§ **Given records**

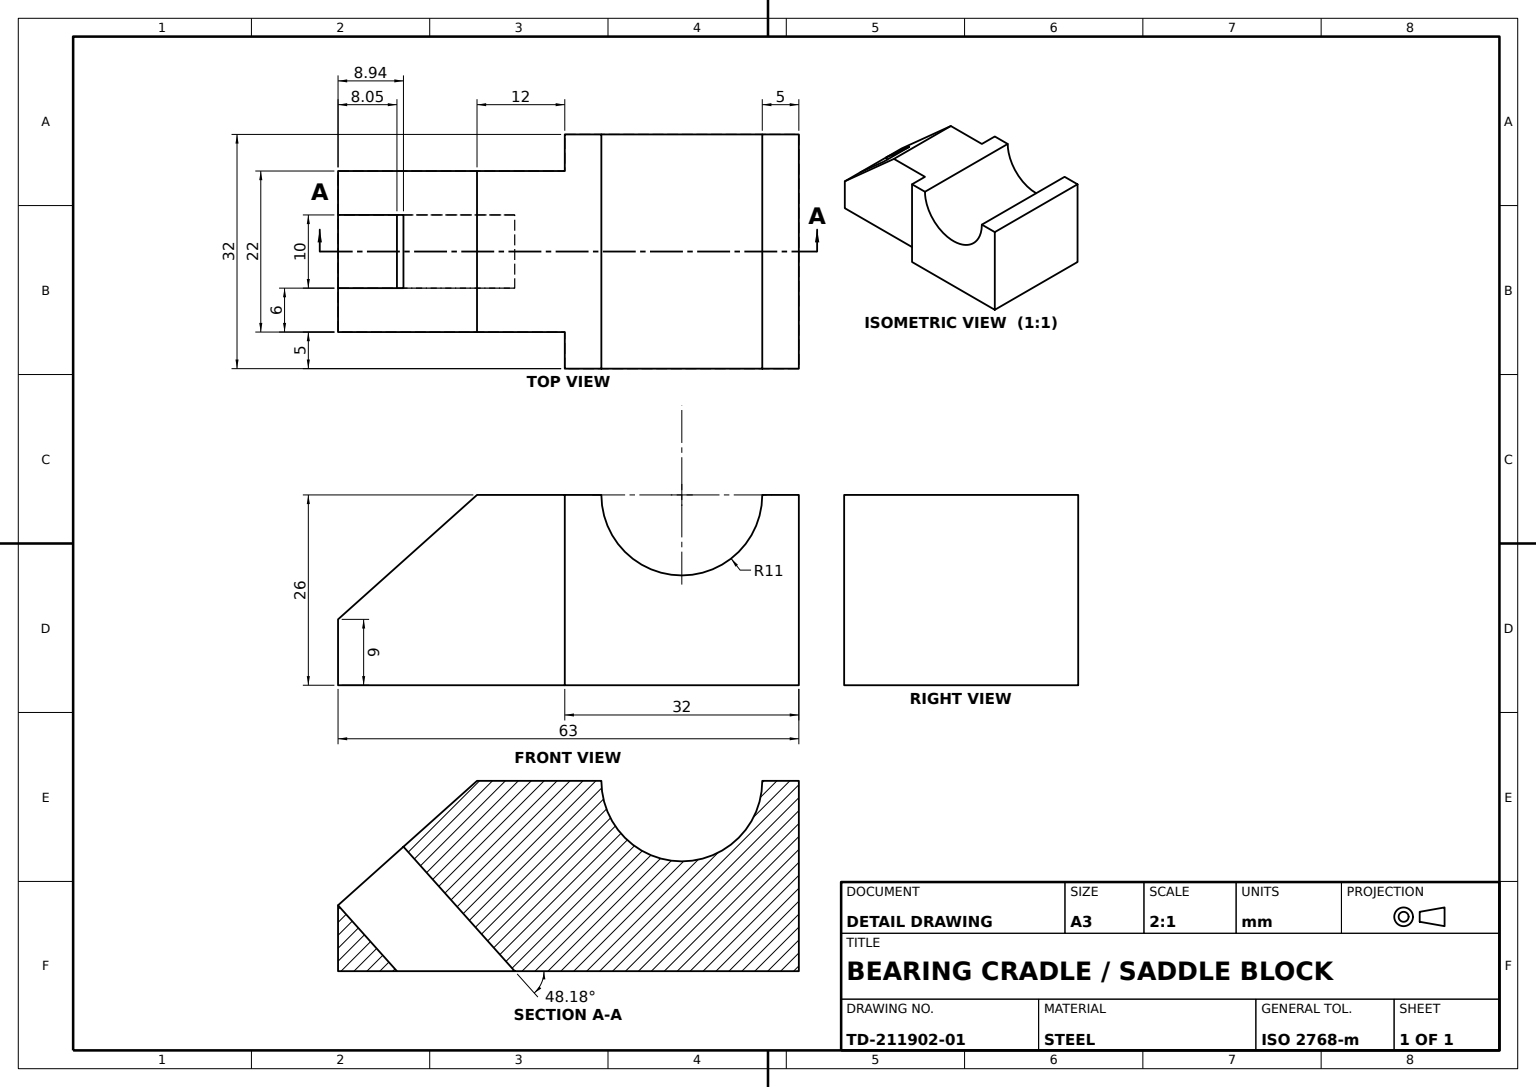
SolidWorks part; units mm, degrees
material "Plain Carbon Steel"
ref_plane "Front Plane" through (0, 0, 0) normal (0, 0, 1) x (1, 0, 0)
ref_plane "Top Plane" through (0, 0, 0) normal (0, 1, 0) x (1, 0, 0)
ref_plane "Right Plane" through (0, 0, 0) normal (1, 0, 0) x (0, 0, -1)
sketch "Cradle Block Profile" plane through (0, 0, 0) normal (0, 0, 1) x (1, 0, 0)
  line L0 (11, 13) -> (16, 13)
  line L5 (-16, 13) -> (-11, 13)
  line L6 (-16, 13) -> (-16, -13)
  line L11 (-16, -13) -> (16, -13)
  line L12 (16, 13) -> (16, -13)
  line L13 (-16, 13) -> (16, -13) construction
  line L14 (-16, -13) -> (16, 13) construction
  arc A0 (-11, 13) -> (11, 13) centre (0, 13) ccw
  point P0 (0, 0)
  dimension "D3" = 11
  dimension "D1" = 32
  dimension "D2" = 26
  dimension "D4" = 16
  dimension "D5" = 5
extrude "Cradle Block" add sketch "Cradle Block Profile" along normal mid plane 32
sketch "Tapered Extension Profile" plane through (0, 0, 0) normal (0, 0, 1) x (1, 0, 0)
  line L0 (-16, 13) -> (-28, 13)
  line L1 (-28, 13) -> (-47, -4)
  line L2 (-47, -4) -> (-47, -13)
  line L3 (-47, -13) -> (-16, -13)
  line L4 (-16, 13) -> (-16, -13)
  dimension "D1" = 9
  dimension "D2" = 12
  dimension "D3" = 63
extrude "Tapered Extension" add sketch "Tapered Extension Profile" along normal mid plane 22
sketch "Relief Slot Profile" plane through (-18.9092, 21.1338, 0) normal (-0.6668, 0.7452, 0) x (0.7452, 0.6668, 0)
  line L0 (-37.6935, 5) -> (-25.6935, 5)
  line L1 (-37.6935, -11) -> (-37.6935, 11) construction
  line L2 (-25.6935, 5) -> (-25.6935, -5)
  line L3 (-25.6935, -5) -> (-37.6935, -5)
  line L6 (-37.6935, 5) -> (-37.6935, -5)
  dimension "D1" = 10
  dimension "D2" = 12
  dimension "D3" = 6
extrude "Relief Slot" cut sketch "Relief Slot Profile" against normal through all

§ **Required action**
Repeat the records in full, precisely, and keep the pictures out.

§ **Reply**
SolidWorks part; units mm, degrees
material "Plain Carbon Steel"
ref_plane "Front Plane" through (0, 0, 0) normal (0, 0, 1) x (1, 0, 0)
ref_plane "Top Plane" through (0, 0, 0) normal (0, 1, 0) x (1, 0, 0)
ref_plane "Right Plane" through (0, 0, 0) normal (1, 0, 0) x (0, 0, -1)
sketch "Cradle Block Profile" plane through (0, 0, 0) normal (0, 0, 1) x (1, 0, 0)
  line L0 (11, 13) -> (16, 13)
  line L5 (-16, 13) -> (-11, 13)
  line L6 (-16, 13) -> (-16, -13)
  line L11 (-16, -13) -> (16, -13)
  line L12 (16, 13) -> (16, -13)
  line L13 (-16, 13) -> (16, -13) construction
  line L14 (-16, -13) -> (16, 13) construction
  arc A0 (-11, 13) -> (11, 13) centre (0, 13) ccw
  point P0 (0, 0)
  dimension "D3" = 11
  dimension "D1" = 32
  dimension "D2" = 26
  dimension "D4" = 16
  dimension "D5" = 5
extrude "Cradle Block" add sketch "Cradle Block Profile" along normal mid plane 32
sketch "Tapered Extension Profile" plane through (0, 0, 0) normal (0, 0, 1) x (1, 0, 0)
  line L0 (-16, 13) -> (-28, 13)
  line L1 (-28, 13) -> (-47, -4)
  line L2 (-47, -4) -> (-47, -13)
  line L3 (-47, -13) -> (-16, -13)
  line L4 (-16, 13) -> (-16, -13)
  dimension "D1" = 9
  dimension "D2" = 12
  dimension "D3" = 63
extrude "Tapered Extension" add sketch "Tapered Extension Profile" along normal mid plane 22
sketch "Relief Slot Profile" plane through (-18.9092, 21.1338, 0) normal (-0.6668, 0.7452, 0) x (0.7452, 0.6668, 0)
  line L0 (-37.6935, 5) -> (-25.6935, 5)
  line L1 (-37.6935, -11) -> (-37.6935, 11) construction
  line L2 (-25.6935, 5) -> (-25.6935, -5)
  line L3 (-25.6935, -5) -> (-37.6935, -5)
  line L6 (-37.6935, 5) -> (-37.6935, -5)
  dimension "D1" = 10
  dimension "D2" = 12
  dimension "D3" = 6
extrude "Relief Slot" cut sketch "Relief Slot Profile" against normal through all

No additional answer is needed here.